**PROBLEM DESCRIPTION:**
Every line of the material has to be retyped exactly.

**INPUT DATA:**
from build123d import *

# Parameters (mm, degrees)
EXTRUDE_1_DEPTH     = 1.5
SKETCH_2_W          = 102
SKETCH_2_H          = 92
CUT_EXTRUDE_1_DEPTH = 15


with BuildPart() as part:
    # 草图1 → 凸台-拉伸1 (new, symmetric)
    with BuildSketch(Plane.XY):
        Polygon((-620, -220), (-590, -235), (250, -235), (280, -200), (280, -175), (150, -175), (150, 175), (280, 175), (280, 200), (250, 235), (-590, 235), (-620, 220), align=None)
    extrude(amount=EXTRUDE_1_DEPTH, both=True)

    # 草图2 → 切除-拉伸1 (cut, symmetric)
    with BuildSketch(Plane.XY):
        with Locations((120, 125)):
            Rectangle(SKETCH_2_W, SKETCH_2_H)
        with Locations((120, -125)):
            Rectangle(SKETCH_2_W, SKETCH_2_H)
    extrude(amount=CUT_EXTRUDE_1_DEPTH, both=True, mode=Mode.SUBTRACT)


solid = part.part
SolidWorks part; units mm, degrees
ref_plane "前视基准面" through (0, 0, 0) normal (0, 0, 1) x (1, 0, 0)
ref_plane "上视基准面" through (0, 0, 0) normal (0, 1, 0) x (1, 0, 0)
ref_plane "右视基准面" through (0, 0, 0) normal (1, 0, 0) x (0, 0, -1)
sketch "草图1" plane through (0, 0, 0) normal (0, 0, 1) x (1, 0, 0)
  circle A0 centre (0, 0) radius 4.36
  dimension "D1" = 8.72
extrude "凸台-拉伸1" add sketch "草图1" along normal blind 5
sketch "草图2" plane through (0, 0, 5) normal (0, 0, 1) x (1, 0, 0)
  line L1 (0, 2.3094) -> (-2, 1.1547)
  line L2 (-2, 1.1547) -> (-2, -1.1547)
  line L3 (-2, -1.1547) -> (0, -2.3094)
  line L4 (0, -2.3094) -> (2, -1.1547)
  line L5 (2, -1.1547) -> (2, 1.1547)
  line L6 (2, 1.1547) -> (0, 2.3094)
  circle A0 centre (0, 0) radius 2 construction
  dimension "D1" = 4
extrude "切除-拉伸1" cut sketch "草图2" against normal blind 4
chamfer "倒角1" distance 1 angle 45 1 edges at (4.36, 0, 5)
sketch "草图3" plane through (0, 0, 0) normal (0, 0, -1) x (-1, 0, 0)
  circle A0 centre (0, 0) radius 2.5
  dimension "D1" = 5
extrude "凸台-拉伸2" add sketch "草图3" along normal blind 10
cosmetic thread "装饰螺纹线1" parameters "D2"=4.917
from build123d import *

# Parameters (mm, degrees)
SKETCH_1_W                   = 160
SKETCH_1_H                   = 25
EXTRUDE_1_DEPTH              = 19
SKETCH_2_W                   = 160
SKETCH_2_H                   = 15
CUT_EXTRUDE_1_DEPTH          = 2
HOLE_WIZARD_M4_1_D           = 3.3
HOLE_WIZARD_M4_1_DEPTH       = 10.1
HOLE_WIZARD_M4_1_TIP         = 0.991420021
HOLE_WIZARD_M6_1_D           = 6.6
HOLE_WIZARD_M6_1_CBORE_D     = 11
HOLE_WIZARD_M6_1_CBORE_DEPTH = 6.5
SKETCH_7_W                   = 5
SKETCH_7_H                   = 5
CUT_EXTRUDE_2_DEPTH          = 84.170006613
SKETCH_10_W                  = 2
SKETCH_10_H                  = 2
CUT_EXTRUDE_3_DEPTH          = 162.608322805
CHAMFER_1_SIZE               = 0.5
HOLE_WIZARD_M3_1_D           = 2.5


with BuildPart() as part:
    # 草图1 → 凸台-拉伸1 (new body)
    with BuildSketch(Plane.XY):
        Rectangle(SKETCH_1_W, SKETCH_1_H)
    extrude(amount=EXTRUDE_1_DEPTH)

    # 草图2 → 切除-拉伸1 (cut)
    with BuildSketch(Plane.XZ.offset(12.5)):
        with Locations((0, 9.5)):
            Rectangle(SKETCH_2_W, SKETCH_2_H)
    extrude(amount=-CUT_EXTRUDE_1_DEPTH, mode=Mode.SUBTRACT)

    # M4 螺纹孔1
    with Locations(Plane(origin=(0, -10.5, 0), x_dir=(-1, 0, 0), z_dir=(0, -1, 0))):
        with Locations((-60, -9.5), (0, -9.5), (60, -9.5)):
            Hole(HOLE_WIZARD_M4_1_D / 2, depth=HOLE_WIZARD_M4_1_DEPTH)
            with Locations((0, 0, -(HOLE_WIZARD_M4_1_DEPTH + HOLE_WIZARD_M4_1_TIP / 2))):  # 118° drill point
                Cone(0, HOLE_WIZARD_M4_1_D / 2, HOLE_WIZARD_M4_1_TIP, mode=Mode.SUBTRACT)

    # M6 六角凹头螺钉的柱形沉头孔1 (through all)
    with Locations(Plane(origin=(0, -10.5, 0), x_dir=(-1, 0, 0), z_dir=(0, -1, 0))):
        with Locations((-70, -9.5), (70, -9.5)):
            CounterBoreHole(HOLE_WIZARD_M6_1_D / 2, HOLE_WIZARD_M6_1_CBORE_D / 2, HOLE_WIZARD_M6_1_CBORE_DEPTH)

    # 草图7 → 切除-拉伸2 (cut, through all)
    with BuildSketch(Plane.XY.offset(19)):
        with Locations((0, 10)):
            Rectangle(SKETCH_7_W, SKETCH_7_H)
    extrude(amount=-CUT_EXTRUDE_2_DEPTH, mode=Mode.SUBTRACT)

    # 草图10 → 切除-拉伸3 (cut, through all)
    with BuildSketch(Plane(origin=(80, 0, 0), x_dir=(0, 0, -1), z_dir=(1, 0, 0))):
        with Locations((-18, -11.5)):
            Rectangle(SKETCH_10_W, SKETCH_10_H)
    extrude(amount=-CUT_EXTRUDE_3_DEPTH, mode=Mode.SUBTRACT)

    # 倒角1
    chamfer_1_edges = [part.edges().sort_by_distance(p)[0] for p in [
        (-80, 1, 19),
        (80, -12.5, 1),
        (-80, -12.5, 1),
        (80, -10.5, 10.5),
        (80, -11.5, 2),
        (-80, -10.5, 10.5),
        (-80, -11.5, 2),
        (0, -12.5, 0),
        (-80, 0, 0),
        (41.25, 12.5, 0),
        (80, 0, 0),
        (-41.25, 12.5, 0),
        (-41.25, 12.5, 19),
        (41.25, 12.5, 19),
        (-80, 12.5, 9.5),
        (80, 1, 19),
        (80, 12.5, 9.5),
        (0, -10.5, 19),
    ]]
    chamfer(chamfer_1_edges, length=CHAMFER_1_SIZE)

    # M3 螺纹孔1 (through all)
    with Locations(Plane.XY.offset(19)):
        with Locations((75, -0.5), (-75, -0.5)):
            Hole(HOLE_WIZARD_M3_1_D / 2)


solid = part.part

**TASK OUTPUT:**
from build123d import *

# Parameters (mm, degrees)
EXTRUDE_1_DEPTH     = 1.5
SKETCH_2_W          = 102
SKETCH_2_H          = 92
CUT_EXTRUDE_1_DEPTH = 15


with BuildPart() as part:
    # 草图1 → 凸台-拉伸1 (new, symmetric)
    with BuildSketch(Plane.XY):
        Polygon((-620, -220), (-590, -235), (250, -235), (280, -200), (280, -175), (150, -175), (150, 175), (280, 175), (280, 200), (250, 235), (-590, 235), (-620, 220), align=None)
    extrude(amount=EXTRUDE_1_DEPTH, both=True)

    # 草图2 → 切除-拉伸1 (cut, symmetric)
    with BuildSketch(Plane.XY):
        with Locations((120, 125)):
            Rectangle(SKETCH_2_W, SKETCH_2_H)
        with Locations((120, -125)):
            Rectangle(SKETCH_2_W, SKETCH_2_H)
    extrude(amount=CUT_EXTRUDE_1_DEPTH, both=True, mode=Mode.SUBTRACT)


solid = part.part
SolidWorks part; units mm, degrees
ref_plane "前视基准面" through (0, 0, 0) normal (0, 0, 1) x (1, 0, 0)
ref_plane "上视基准面" through (0, 0, 0) normal (0, 1, 0) x (1, 0, 0)
ref_plane "右视基准面" through (0, 0, 0) normal (1, 0, 0) x (0, 0, -1)
sketch "草图1" plane through (0, 0, 0) normal (0, 0, 1) x (1, 0, 0)
  circle A0 centre (0, 0) radius 4.36
  dimension "D1" = 8.72
extrude "凸台-拉伸1" add sketch "草图1" along normal blind 5
sketch "草图2" plane through (0, 0, 5) normal (0, 0, 1) x (1, 0, 0)
  line L1 (0, 2.3094) -> (-2, 1.1547)
  line L2 (-2, 1.1547) -> (-2, -1.1547)
  line L3 (-2, -1.1547) -> (0, -2.3094)
  line L4 (0, -2.3094) -> (2, -1.1547)
  line L5 (2, -1.1547) -> (2, 1.1547)
  line L6 (2, 1.1547) -> (0, 2.3094)
  circle A0 centre (0, 0) radius 2 construction
  dimension "D1" = 4
extrude "切除-拉伸1" cut sketch "草图2" against normal blind 4
chamfer "倒角1" distance 1 angle 45 1 edges at (4.36, 0, 5)
sketch "草图3" plane through (0, 0, 0) normal (0, 0, -1) x (-1, 0, 0)
  circle A0 centre (0, 0) radius 2.5
  dimension "D1" = 5
extrude "凸台-拉伸2" add sketch "草图3" along normal blind 10
cosmetic thread "装饰螺纹线1" parameters "D2"=4.917
from build123d import *

# Parameters (mm, degrees)
SKETCH_1_W                   = 160
SKETCH_1_H                   = 25
EXTRUDE_1_DEPTH              = 19
SKETCH_2_W                   = 160
SKETCH_2_H                   = 15
CUT_EXTRUDE_1_DEPTH          = 2
HOLE_WIZARD_M4_1_D           = 3.3
HOLE_WIZARD_M4_1_DEPTH       = 10.1
HOLE_WIZARD_M4_1_TIP         = 0.991420021
HOLE_WIZARD_M6_1_D           = 6.6
HOLE_WIZARD_M6_1_CBORE_D     = 11
HOLE_WIZARD_M6_1_CBORE_DEPTH = 6.5
SKETCH_7_W                   = 5
SKETCH_7_H                   = 5
CUT_EXTRUDE_2_DEPTH          = 84.170006613
SKETCH_10_W                  = 2
SKETCH_10_H                  = 2
CUT_EXTRUDE_3_DEPTH          = 162.608322805
CHAMFER_1_SIZE               = 0.5
HOLE_WIZARD_M3_1_D           = 2.5


with BuildPart() as part:
    # 草图1 → 凸台-拉伸1 (new body)
    with BuildSketch(Plane.XY):
        Rectangle(SKETCH_1_W, SKETCH_1_H)
    extrude(amount=EXTRUDE_1_DEPTH)

    # 草图2 → 切除-拉伸1 (cut)
    with BuildSketch(Plane.XZ.offset(12.5)):
        with Locations((0, 9.5)):
            Rectangle(SKETCH_2_W, SKETCH_2_H)
    extrude(amount=-CUT_EXTRUDE_1_DEPTH, mode=Mode.SUBTRACT)

    # M4 螺纹孔1
    with Locations(Plane(origin=(0, -10.5, 0), x_dir=(-1, 0, 0), z_dir=(0, -1, 0))):
        with Locations((-60, -9.5), (0, -9.5), (60, -9.5)):
            Hole(HOLE_WIZARD_M4_1_D / 2, depth=HOLE_WIZARD_M4_1_DEPTH)
            with Locations((0, 0, -(HOLE_WIZARD_M4_1_DEPTH + HOLE_WIZARD_M4_1_TIP / 2))):  # 118° drill point
                Cone(0, HOLE_WIZARD_M4_1_D / 2, HOLE_WIZARD_M4_1_TIP, mode=Mode.SUBTRACT)

    # M6 六角凹头螺钉的柱形沉头孔1 (through all)
    with Locations(Plane(origin=(0, -10.5, 0), x_dir=(-1, 0, 0), z_dir=(0, -1, 0))):
        with Locations((-70, -9.5), (70, -9.5)):
            CounterBoreHole(HOLE_WIZARD_M6_1_D / 2, HOLE_WIZARD_M6_1_CBORE_D / 2, HOLE_WIZARD_M6_1_CBORE_DEPTH)

    # 草图7 → 切除-拉伸2 (cut, through all)
    with BuildSketch(Plane.XY.offset(19)):
        with Locations((0, 10)):
            Rectangle(SKETCH_7_W, SKETCH_7_H)
    extrude(amount=-CUT_EXTRUDE_2_DEPTH, mode=Mode.SUBTRACT)

    # 草图10 → 切除-拉伸3 (cut, through all)
    with BuildSketch(Plane(origin=(80, 0, 0), x_dir=(0, 0, -1), z_dir=(1, 0, 0))):
        with Locations((-18, -11.5)):
            Rectangle(SKETCH_10_W, SKETCH_10_H)
    extrude(amount=-CUT_EXTRUDE_3_DEPTH, mode=Mode.SUBTRACT)

    # 倒角1
    chamfer_1_edges = [part.edges().sort_by_distance(p)[0] for p in [
        (-80, 1, 19),
        (80, -12.5, 1),
        (-80, -12.5, 1),
        (80, -10.5, 10.5),
        (80, -11.5, 2),
        (-80, -10.5, 10.5),
        (-80, -11.5, 2),
        (0, -12.5, 0),
        (-80, 0, 0),
        (41.25, 12.5, 0),
        (80, 0, 0),
        (-41.25, 12.5, 0),
        (-41.25, 12.5, 19),
        (41.25, 12.5, 19),
        (-80, 12.5, 9.5),
        (80, 1, 19),
        (80, 12.5, 9.5),
        (0, -10.5, 19),
    ]]
    chamfer(chamfer_1_edges, length=CHAMFER_1_SIZE)

    # M3 螺纹孔1 (through all)
    with Locations(Plane.XY.offset(19)):
        with Locations((75, -0.5), (-75, -0.5)):
            Hole(HOLE_WIZARD_M3_1_D / 2)


solid = part.part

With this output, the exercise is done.